_Your goal_
Once you reach the line containing "p18 = place(p15, frame((17.619, 0.0, 0.85)))" in the entries below, write out that line and each one after it down to the line containing "p19 = place(p15, frame((12.712, 0.0, 0.85)))", exactly and with nothing added.

▬▬▬▬▬▬

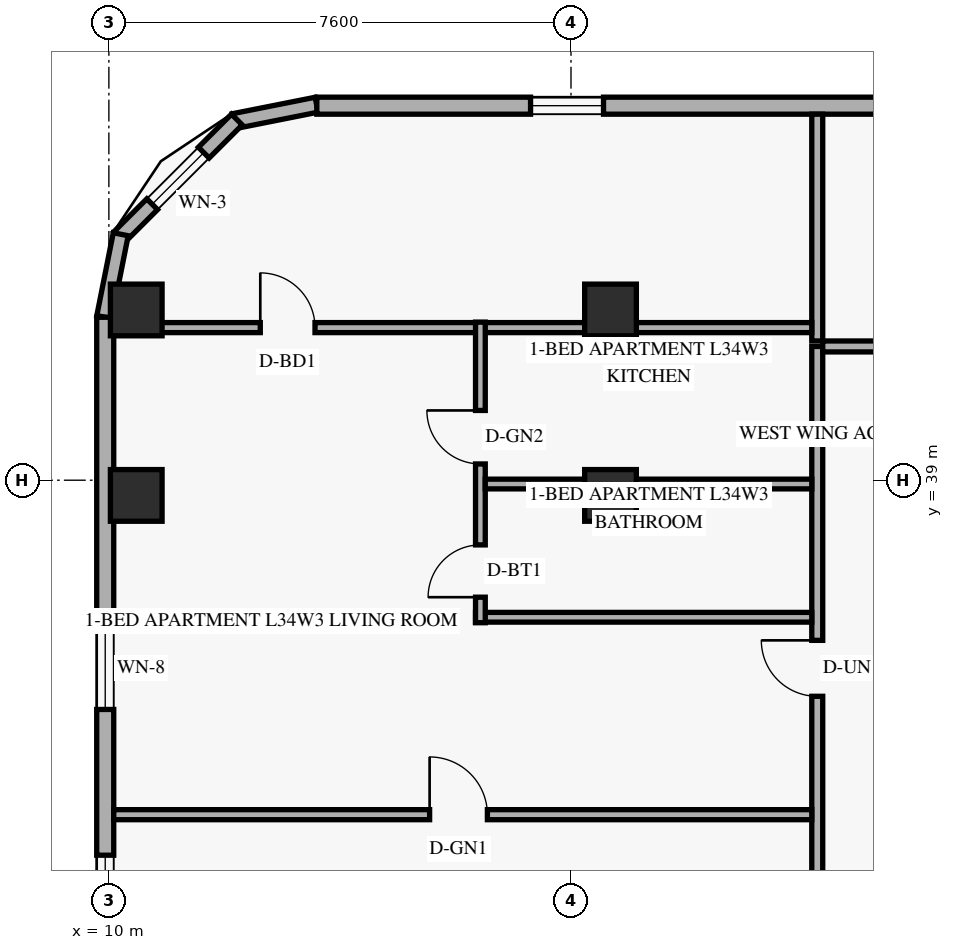
"""IFC4 building model, lengths in metres.
Left out: names, types, materials, properties, quantities, classifications, styles, units other than length and angle.
Written with IfcOpenShell. Run it as: python <this file> out.ifc"""

import sys

from ifc_helpers import new_model, si_unit, direction, frame, frame_2d, origin, origin_2d, place, context, subcontext, project, spatial, rectangle, extrude, element, fill, save


model = new_model("IFC4")
c1 = context("Model", 3, precision=1e-05, world=origin(), true_north=direction((0.0, 1.0)))
c2 = subcontext(c1, "Body", "Model", "MODEL_VIEW")
j1 = project(units=[si_unit("LENGTHUNIT", "METRE"), si_unit("PLANEANGLEUNIT", "RADIAN")], contexts=[c1])
p1 = place(None, origin())
s1 = spatial("IfcSite", under=j1, at=p1, CompositionType="ELEMENT")
p2 = place(p1, origin())
s2 = spatial("IfcBuilding", under=s1, at=p2, CompositionType="ELEMENT")
p3 = place(p2, frame((0.0, 0.0, 132.0)))
s3 = spatial("IfcBuildingStorey", under=s2, at=p3, CompositionType="ELEMENT", Elevation=132.0)
for number, where, z_axis, x_axis in (
    (1, (10.45, 38.75, 0.0), (0.0, 0.0, 1.0), (1.0, 0.0, 0.0)),
    (2, (10.45, 41.8, 0.0), (0.0, 0.0, 1.0), (1.0, 0.0, 0.0)),
    (3, (18.25, 38.75, 0.0), (0.0, 0.0, 1.0), (1.0, 0.0, 0.0)),
    (4, (18.25, 41.8, 0.0), (0.0, 0.0, 1.0), (1.0, 0.0, 0.0)),
):
    element("IfcColumn", number, at=place(p3, frame(where, z_axis=z_axis, x_axis=x_axis)), inside=s3, PredefinedType="COLUMN", context=c2, shape_type="SweptSolid", body=[
        extrude(rectangle(XDim=0.85, YDim=0.85, at=origin_2d()), origin(), (0.0, 0.0, 1.0), 3.6),
    ])
p4 = place(p3, frame((13.417, 45.176, 0.0), z_axis=(0.0, 0.0, 1.0), x_axis=(-0.980809899341, -0.19496651342, 0.0)))
e5 = element("IfcWall", 5, at=p4, inside=s3, PredefinedType="SOLIDWALL", context=c2, shape_type="SweptSolid", body=[
    extrude(rectangle(XDim=1.389, YDim=0.25, at=frame_2d((0.694, 0.0))), origin(), (0.0, 0.0, 1.0), 3.3),
])
p5 = place(p3, frame((12.105, 44.932, 0.0), z_axis=(0.0, 0.0, 1.0), x_axis=(-0.707151344399, -0.707062215165, 0.0)))
e6 = element("IfcWall", 6, at=p5, inside=s3, PredefinedType="SOLIDWALL", context=c2, shape_type="SweptSolid", body=[
    extrude(rectangle(XDim=2.739, YDim=0.25, at=frame_2d((1.37, 0.0))), origin(), (0.0, 0.0, 1.0), 3.3),
])
p6 = place(p5, frame((0.77, 0.0, 0.85)))
e7 = element("IfcOpeningElement", 7, at=p6, cuts=e6, PredefinedType="OPENING", context=c2, shape_type="SweptSolid", body=[
    extrude(rectangle(XDim=1.2, YDim=1.5, at=frame_2d((0.6, 0.75))), frame((0.0, 0.135, 0.0), z_axis=(0.0, -1.0, 0.0), x_axis=(1.0, 0.0, 0.0)), (0.0, 0.0, 1.0), 0.27),
])
p7 = place(p3, frame((10.195, 43.045, 0.0), z_axis=(0.0, 0.0, 1.0), x_axis=(-0.195000137217, -0.980803214965, 0.0)))
e8 = element("IfcWall", 8, at=p7, inside=s3, PredefinedType="SOLIDWALL", context=c2, shape_type="SweptSolid", body=[
    extrude(rectangle(XDim=1.388, YDim=0.25, at=frame_2d((0.694, 0.0))), origin(), (0.0, 0.0, 1.0), 3.3),
])
p8 = place(p3, frame((49.98, 45.16, 0.0), z_axis=(0.0, 0.0, 1.0), x_axis=(-1.0, 0.0, 0.0)))
e9 = element("IfcWall", 9, at=p8, inside=s3, PredefinedType="SOLIDWALL", context=c2, shape_type="SweptSolid", body=[
    extrude(rectangle(XDim=36.56, YDim=0.28, at=frame_2d((18.28, 0.0))), origin(), (0.0, 0.0, 1.0), 3.3),
])
p9 = place(p8, frame((31.845, 0.0, 0.85)))
e10 = element("IfcOpeningElement", 10, at=p9, cuts=e9, PredefinedType="OPENING", context=c2, shape_type="SweptSolid", body=[
    extrude(rectangle(XDim=1.2, YDim=1.5, at=frame_2d((0.6, 0.75))), frame((0.0, 0.15, 0.0), z_axis=(0.0, -1.0, 0.0), x_axis=(1.0, 0.0, 0.0)), (0.0, 0.0, 1.0), 0.3),
])
p10 = place(p8, frame((23.355, 0.0, 0.85)))
e11 = element("IfcOpeningElement", 11, at=p10, cuts=e9, PredefinedType="OPENING", context=c2, shape_type="SweptSolid", body=[
    extrude(rectangle(XDim=1.2, YDim=1.5, at=frame_2d((0.6, 0.75))), frame((0.0, 0.15, 0.0), z_axis=(0.0, -1.0, 0.0), x_axis=(1.0, 0.0, 0.0)), (0.0, 0.0, 1.0), 0.3),
])
p11 = place(p8, frame((16.47, 0.0, 0.85)))
e12 = element("IfcOpeningElement", 12, at=p11, cuts=e9, PredefinedType="OPENING", context=c2, shape_type="SweptSolid", body=[
    extrude(rectangle(XDim=1.2, YDim=1.5, at=frame_2d((0.6, 0.75))), frame((0.0, 0.15, 0.0), z_axis=(0.0, -1.0, 0.0), x_axis=(1.0, 0.0, 0.0)), (0.0, 0.0, 1.0), 0.3),
])
p12 = place(p8, frame((10.565, 0.0, 0.85)))
e13 = element("IfcOpeningElement", 13, at=p12, cuts=e9, PredefinedType="OPENING", context=c2, shape_type="SweptSolid", body=[
    extrude(rectangle(XDim=1.2, YDim=1.5, at=frame_2d((0.6, 0.75))), frame((0.0, 0.15, 0.0), z_axis=(0.0, -1.0, 0.0), x_axis=(1.0, 0.0, 0.0)), (0.0, 0.0, 1.0), 0.3),
])
p13 = place(p8, frame((4.675, 0.0, 0.85)))
e14 = element("IfcOpeningElement", 14, at=p13, cuts=e9, PredefinedType="OPENING", context=c2, shape_type="SweptSolid", body=[
    extrude(rectangle(XDim=1.2, YDim=1.5, at=frame_2d((0.6, 0.75))), frame((0.0, 0.15, 0.0), z_axis=(0.0, -1.0, 0.0), x_axis=(1.0, 0.0, 0.0)), (0.0, 0.0, 1.0), 0.3),
])
p14 = place(p8, frame((0.79, 0.0, 0.85)))
e15 = element("IfcOpeningElement", 15, at=p14, cuts=e9, PredefinedType="OPENING", context=c2, shape_type="SweptSolid", body=[
    extrude(rectangle(XDim=1.2, YDim=1.5, at=frame_2d((0.6, 0.75))), frame((0.0, 0.15, 0.0), z_axis=(0.0, -1.0, 0.0), x_axis=(1.0, 0.0, 0.0)), (0.0, 0.0, 1.0), 0.3),
])
p15 = place(p3, frame((9.94, 41.68, 0.0), z_axis=(0.0, 0.0, 1.0), x_axis=(0.0, -1.0, 0.0)))
e16 = element("IfcWall", 16, at=p15, inside=s3, PredefinedType="SOLIDWALL", context=c2, shape_type="SweptSolid", body=[
    extrude(rectangle(XDim=35.36, YDim=0.28, at=frame_2d((17.68, 0.0))), origin(), (0.0, 0.0, 1.0), 3.3),
])
p16 = place(p15, frame((28.42, 0.0, 0.85)))
e17 = element("IfcOpeningElement", 17, at=p16, cuts=e16, PredefinedType="OPENING", context=c2, shape_type="SweptSolid", body=[
    extrude(rectangle(XDim=1.35, YDim=1.55, at=frame_2d((0.675, 0.775))), frame((0.0, 0.15, 0.0), z_axis=(0.0, -1.0, 0.0), x_axis=(1.0, 0.0, 0.0)), (0.0, 0.0, 1.0), 0.3),
])
p17 = place(p15, frame((22.037, 0.0, 0.85)))
e18 = element("IfcOpeningElement", 18, at=p17, cuts=e16, PredefinedType="OPENING", context=c2, shape_type="SweptSolid", body=[
    extrude(rectangle(XDim=1.35, YDim=1.55, at=frame_2d((0.675, 0.775))), frame((0.0, 0.15, 0.0), z_axis=(0.0, -1.0, 0.0), x_axis=(1.0, 0.0, 0.0)), (0.0, 0.0, 1.0), 0.3),
])
p18 = place(p15, frame((17.619, 0.0, 0.85)))
e19 = element("IfcOpeningElement", 19, at=p18, cuts=e16, PredefinedType="OPENING", context=c2, shape_type="SweptSolid", body=[
    extrude(rectangle(XDim=1.35, YDim=1.55, at=frame_2d((0.675, 0.775))), frame((0.0, 0.15, 0.0), z_axis=(0.0, -1.0, 0.0), x_axis=(1.0, 0.0, 0.0)), (0.0, 0.0, 1.0), 0.3),
])
p19 = place(p15, frame((12.712, 0.0, 0.85)))
e20 = element("IfcOpeningElement", 20, at=p19, cuts=e16, PredefinedType="OPENING", context=c2, shape_type="SweptSolid", body=[
    extrude(rectangle(XDim=1.35, YDim=1.55, at=frame_2d((0.675, 0.775))), frame((0.0, 0.15, 0.0), z_axis=(0.0, -1.0, 0.0), x_axis=(1.0, 0.0, 0.0)), (0.0, 0.0, 1.0), 0.3),
])
p20 = place(p15, frame((8.848, 0.0, 0.85)))
e21 = element("IfcOpeningElement", 21, at=p20, cuts=e16, PredefinedType="OPENING", context=c2, shape_type="SweptSolid", body=[
    extrude(rectangle(XDim=1.35, YDim=1.55, at=frame_2d((0.675, 0.775))), frame((0.0, 0.15, 0.0), z_axis=(0.0, -1.0, 0.0), x_axis=(1.0, 0.0, 0.0)), (0.0, 0.0, 1.0), 0.3),
])
p21 = place(p15, frame((5.101, 0.0, 0.85)))
e22 = element("IfcOpeningElement", 22, at=p21, cuts=e16, PredefinedType="OPENING", context=c2, shape_type="SweptSolid", body=[
    extrude(rectangle(XDim=1.35, YDim=1.55, at=frame_2d((0.675, 0.775))), frame((0.0, 0.15, 0.0), z_axis=(0.0, -1.0, 0.0), x_axis=(1.0, 0.0, 0.0)), (0.0, 0.0, 1.0), 0.3),
])
p22 = place(p3, frame((21.65, 6.8, 0.0), z_axis=(0.0, 0.0, 1.0), x_axis=(0.0, 1.0, 0.0)))
e23 = element("IfcWall", 23, at=p22, inside=s3, PredefinedType="STANDARD", context=c2, shape_type="SweptSolid", body=[
    extrude(rectangle(XDim=34.4, YDim=0.18, at=frame_2d((17.2, 0.0))), origin(), (0.0, 0.0, 1.0), 2.671),
])
p23 = place(p22, frame((5.107, 0.0, 0.0)))
e24 = element("IfcOpeningElement", 24, at=p23, cuts=e23, PredefinedType="OPENING", context=c2, shape_type="SweptSolid", body=[
    extrude(rectangle(XDim=0.92, YDim=2.15, at=frame_2d((0.46, 1.075))), frame((0.0, 0.1, 0.0), z_axis=(0.0, -1.0, 0.0), x_axis=(1.0, 0.0, 0.0)), (0.0, 0.0, 1.0), 0.2),
])
p24 = place(p22, frame((13.99, 0.0, 0.0)))
e25 = element("IfcOpeningElement", 25, at=p24, cuts=e23, PredefinedType="OPENING", context=c2, shape_type="SweptSolid", body=[
    extrude(rectangle(XDim=0.92, YDim=2.15, at=frame_2d((0.46, 1.075))), frame((0.0, 0.1, 0.0), z_axis=(0.0, -1.0, 0.0), x_axis=(1.0, 0.0, 0.0)), (0.0, 0.0, 1.0), 0.2),
])
p25 = place(p22, frame((28.646, 0.0, 0.0)))
e26 = element("IfcOpeningElement", 26, at=p25, cuts=e23, PredefinedType="OPENING", context=c2, shape_type="SweptSolid", body=[
    extrude(rectangle(XDim=0.92, YDim=2.15, at=frame_2d((0.46, 1.075))), frame((0.0, 0.1, 0.0), z_axis=(0.0, -1.0, 0.0), x_axis=(1.0, 0.0, 0.0)), (0.0, 0.0, 1.0), 0.2),
])
p26 = place(p3, frame((21.74, 41.2, 0.0), z_axis=(0.0, 0.0, 1.0), x_axis=(1.0, 0.0, 0.0)))
e27 = element("IfcWall", 27, at=p26, inside=s3, PredefinedType="STANDARD", context=c2, shape_type="SweptSolid", body=[
    extrude(rectangle(XDim=13.68, YDim=0.18, at=frame_2d((6.84, 0.0))), origin(), (0.0, 0.0, 1.0), 2.671),
])
p27 = place(p26, frame((3.09, 0.0, 0.0)))
e28 = element("IfcOpeningElement", 28, at=p27, cuts=e27, PredefinedType="OPENING", context=c2, shape_type="SweptSolid", body=[
    extrude(rectangle(XDim=0.95, YDim=2.15, at=frame_2d((0.475, 1.075))), frame((0.0, 0.1, 0.0), z_axis=(0.0, -1.0, 0.0), x_axis=(1.0, 0.0, 0.0)), (0.0, 0.0, 1.0), 0.2),
])
p28 = place(p26, frame((10.11, 0.0, 0.0)))
e29 = element("IfcOpeningElement", 29, at=p28, cuts=e27, PredefinedType="OPENING", context=c2, shape_type="SweptSolid", body=[
    extrude(rectangle(XDim=0.95, YDim=2.15, at=frame_2d((0.475, 1.075))), frame((0.0, 0.1, 0.0), z_axis=(0.0, -1.0, 0.0), x_axis=(1.0, 0.0, 0.0)), (0.0, 0.0, 1.0), 0.2),
])
p29 = place(p3, frame((21.65, 41.29, 0.0), z_axis=(0.0, 0.0, 1.0), x_axis=(0.0, 1.0, 0.0)))
e30 = element("IfcWall", 30, at=p29, inside=s3, PredefinedType="PARTITIONING", context=c2, shape_type="SweptSolid", body=[
    extrude(rectangle(XDim=3.73, YDim=0.18, at=frame_2d((1.865, 0.0))), origin(), (0.0, 0.0, 1.0), 2.749),
])
p30 = place(p3, frame((10.08, 41.51, 0.0), z_axis=(0.0, 0.0, 1.0), x_axis=(1.0, 0.0, 0.0)))
e31 = element("IfcWall", 31, at=p30, inside=s3, PredefinedType="PARTITIONING", context=c2, shape_type="SweptSolid", body=[
    extrude(rectangle(XDim=11.48, YDim=0.165, at=frame_2d((5.74, 0.0))), origin(), (0.0, 0.0, 1.0), 3.3),
])
p31 = place(p30, frame((2.41, 0.0, 0.0)))
e32 = element("IfcOpeningElement", 32, at=p31, cuts=e31, PredefinedType="OPENING", context=c2, shape_type="SweptSolid", body=[
    extrude(rectangle(XDim=0.9, YDim=2.14, at=frame_2d((0.45, 1.07))), frame((0.0, 0.093, 0.0), z_axis=(0.0, -1.0, 0.0), x_axis=(1.0, 0.0, 0.0)), (0.0, 0.0, 1.0), 0.185),
])
p32 = place(p3, frame((16.03, 36.746, 0.0), z_axis=(0.0, 0.0, 1.0), x_axis=(1.0, 0.0, 0.0)))
e33 = element("IfcWall", 33, at=p32, inside=s3, PredefinedType="PLUMBINGWALL", context=c2, shape_type="SweptSolid", body=[
    extrude(rectangle(XDim=5.53, YDim=0.16, at=frame_2d((2.765, 0.0))), origin(), (0.0, 0.0, 1.0), 2.671),
])
p33 = place(p3, frame((16.11, 36.656, 0.0), z_axis=(0.0, 0.0, 1.0), x_axis=(0.0, 1.0, 0.0)))
e34 = element("IfcWall", 34, at=p33, inside=s3, PredefinedType="PLUMBINGWALL", context=c2, shape_type="SweptSolid", body=[
    extrude(rectangle(XDim=4.944, YDim=0.16, at=frame_2d((2.472, 0.0))), origin(), (0.0, 0.0, 1.0), 2.671),
])
p34 = place(p33, frame((0.42, 0.0, 0.0)))
e35 = element("IfcOpeningElement", 35, at=p34, cuts=e34, PredefinedType="OPENING", context=c2, shape_type="SweptSolid", body=[
    extrude(rectangle(XDim=0.86, YDim=2.12, at=frame_2d((0.43, 1.06))), frame((0.0, 0.09, 0.0), z_axis=(0.0, -1.0, 0.0), x_axis=(1.0, 0.0, 0.0)), (0.0, 0.0, 1.0), 0.18),
])
p35 = place(p33, frame((2.611, 0.0, 0.0)))
e36 = element("IfcOpeningElement", 36, at=p35, cuts=e34, PredefinedType="OPENING", context=c2, shape_type="SweptSolid", body=[
    extrude(rectangle(XDim=0.88, YDim=2.12, at=frame_2d((0.44, 1.06))), frame((0.0, 0.09, 0.0), z_axis=(0.0, -1.0, 0.0), x_axis=(1.0, 0.0, 0.0)), (0.0, 0.0, 1.0), 0.18),
])
p36 = place(p3, frame((16.19, 38.938, 0.0), z_axis=(0.0, 0.0, 1.0), x_axis=(1.0, 0.0, 0.0)))
e37 = element("IfcWall", 37, at=p36, inside=s3, PredefinedType="PLUMBINGWALL", context=c2, shape_type="SweptSolid", body=[
    extrude(rectangle(XDim=5.37, YDim=0.16, at=frame_2d((2.685, 0.0))), origin(), (0.0, 0.0, 1.0), 2.671),
])
p37 = place(p3, frame((10.08, 33.499, 0.0), z_axis=(0.0, 0.0, 1.0), x_axis=(1.0, 0.0, 0.0)))
e38 = element("IfcWall", 38, at=p37, inside=s3, PredefinedType="PARTITIONING", context=c2, shape_type="SweptSolid", body=[
    extrude(rectangle(XDim=11.48, YDim=0.165, at=frame_2d((5.74, 0.0))), origin(), (0.0, 0.0, 1.0), 2.671),
])
p38 = place(p37, frame((5.195, 0.0, 0.0)))
e39 = element("IfcOpeningElement", 39, at=p38, cuts=e38, PredefinedType="OPENING", context=c2, shape_type="SweptSolid", body=[
    extrude(rectangle(XDim=0.95, YDim=2.15, at=frame_2d((0.475, 1.075))), frame((0.0, 0.093, 0.0), z_axis=(0.0, -1.0, 0.0), x_axis=(1.0, 0.0, 0.0)), (0.0, 0.0, 1.0), 0.185),
])
p39 = place(p6, origin())
e40 = element("IfcWindow", 40, at=p39, inside=s3, PartitioningType="SINGLE_PANEL", PredefinedType="WINDOW", context=c2, shape_type="SweptSolid", body=[
    extrude(rectangle(XDim=1.2, YDim=1.5, at=frame_2d((0.6, 0.75))), frame((0.0, 0.03, 0.0), z_axis=(0.0, -1.0, 0.0), x_axis=(1.0, 0.0, 0.0)), (0.0, 0.0, 1.0), 0.06),
])
fill(e7, e40)
p40 = place(p9, origin())
e41 = element("IfcWindow", 41, at=p40, inside=s3, PartitioningType="SINGLE_PANEL", PredefinedType="WINDOW", context=c2, shape_type="SweptSolid", body=[
    extrude(rectangle(XDim=1.2, YDim=1.5, at=frame_2d((0.6, 0.75))), frame((0.0, 0.03, 0.0), z_axis=(0.0, -1.0, 0.0), x_axis=(1.0, 0.0, 0.0)), (0.0, 0.0, 1.0), 0.06),
])
fill(e10, e41)
p41 = place(p20, origin())
e42 = element("IfcWindow", 42, at=p41, inside=s3, PartitioningType="SINGLE_PANEL", PredefinedType="WINDOW", context=c2, shape_type="SweptSolid", body=[
    extrude(rectangle(XDim=1.35, YDim=1.55, at=frame_2d((0.675, 0.775))), frame((0.0, 0.03, 0.0), z_axis=(0.0, -1.0, 0.0), x_axis=(1.0, 0.0, 0.0)), (0.0, 0.0, 1.0), 0.06),
])
fill(e21, e42)
p42 = place(p21, origin())
e43 = element("IfcWindow", 43, at=p42, inside=s3, PartitioningType="SINGLE_PANEL", PredefinedType="WINDOW", context=c2, shape_type="SweptSolid", body=[
    extrude(rectangle(XDim=1.35, YDim=1.55, at=frame_2d((0.675, 0.775))), frame((0.0, 0.03, 0.0), z_axis=(0.0, -1.0, 0.0), x_axis=(1.0, 0.0, 0.0)), (0.0, 0.0, 1.0), 0.06),
])
fill(e22, e43)
p43 = place(p38, origin())
e44 = element("IfcDoor", 44, at=p43, inside=s3, OperationType="SINGLE_SWING_LEFT", PredefinedType="DOOR", context=c2, shape_type="SweptSolid", body=[
    extrude(rectangle(XDim=0.95, YDim=2.15, at=frame_2d((0.475, 1.075))), frame((0.0, 0.025, 0.0), z_axis=(0.0, -1.0, 0.0), x_axis=(1.0, 0.0, 0.0)), (0.0, 0.0, 1.0), 0.05),
])
fill(e39, e44)
p44 = place(p25, origin())
e45 = element("IfcDoor", 45, at=p44, inside=s3, OperationType="SINGLE_SWING_RIGHT", PredefinedType="DOOR", context=c2, shape_type="SweptSolid", body=[
    extrude(rectangle(XDim=0.92, YDim=2.15, at=frame_2d((0.46, 1.075))), frame((0.0, 0.025, 0.0), z_axis=(0.0, -1.0, 0.0), x_axis=(1.0, 0.0, 0.0)), (0.0, 0.0, 1.0), 0.05),
])
fill(e26, e45)
p45 = place(p34, origin())
e46 = element("IfcDoor", 46, at=p45, inside=s3, OperationType="SINGLE_SWING_LEFT", PredefinedType="DOOR", context=c2, shape_type="SweptSolid", body=[
    extrude(rectangle(XDim=0.86, YDim=2.12, at=frame_2d((0.43, 1.06))), frame((0.0, 0.025, 0.0), z_axis=(0.0, -1.0, 0.0), x_axis=(1.0, 0.0, 0.0)), (0.0, 0.0, 1.0), 0.05),
])
fill(e35, e46)
p46 = place(p35, origin())
e47 = element("IfcDoor", 47, at=p46, inside=s3, OperationType="SINGLE_SWING_RIGHT", PredefinedType="DOOR", context=c2, shape_type="SweptSolid", body=[
    extrude(rectangle(XDim=0.88, YDim=2.12, at=frame_2d((0.44, 1.06))), frame((0.0, 0.025, 0.0), z_axis=(0.0, -1.0, 0.0), x_axis=(1.0, 0.0, 0.0)), (0.0, 0.0, 1.0), 0.05),
])
fill(e36, e47)
p47 = place(p31, origin())
e48 = element("IfcDoor", 48, at=p47, inside=s3, OperationType="SINGLE_SWING_LEFT", PredefinedType="DOOR", context=c2, shape_type="SweptSolid", body=[
    extrude(rectangle(XDim=0.9, YDim=2.14, at=frame_2d((0.45, 1.07))), frame((0.0, 0.025, 0.0), z_axis=(0.0, -1.0, 0.0), x_axis=(1.0, 0.0, 0.0)), (0.0, 0.0, 1.0), 0.05),
])
fill(e32, e48)
save(model, sys.argv[1])

▬▬▬▬▬▬

_Exercise answer_
p18 = place(p15, frame((17.619, 0.0, 0.85)))
e19 = element("IfcOpeningElement", 19, at=p18, cuts=e16, PredefinedType="OPENING", context=c2, shape_type="SweptSolid", body=[
    extrude(rectangle(XDim=1.35, YDim=1.55, at=frame_2d((0.675, 0.775))), frame((0.0, 0.15, 0.0), z_axis=(0.0, -1.0, 0.0), x_axis=(1.0, 0.0, 0.0)), (0.0, 0.0, 1.0), 0.3),
])
p19 = place(p15, frame((12.712, 0.0, 0.85)))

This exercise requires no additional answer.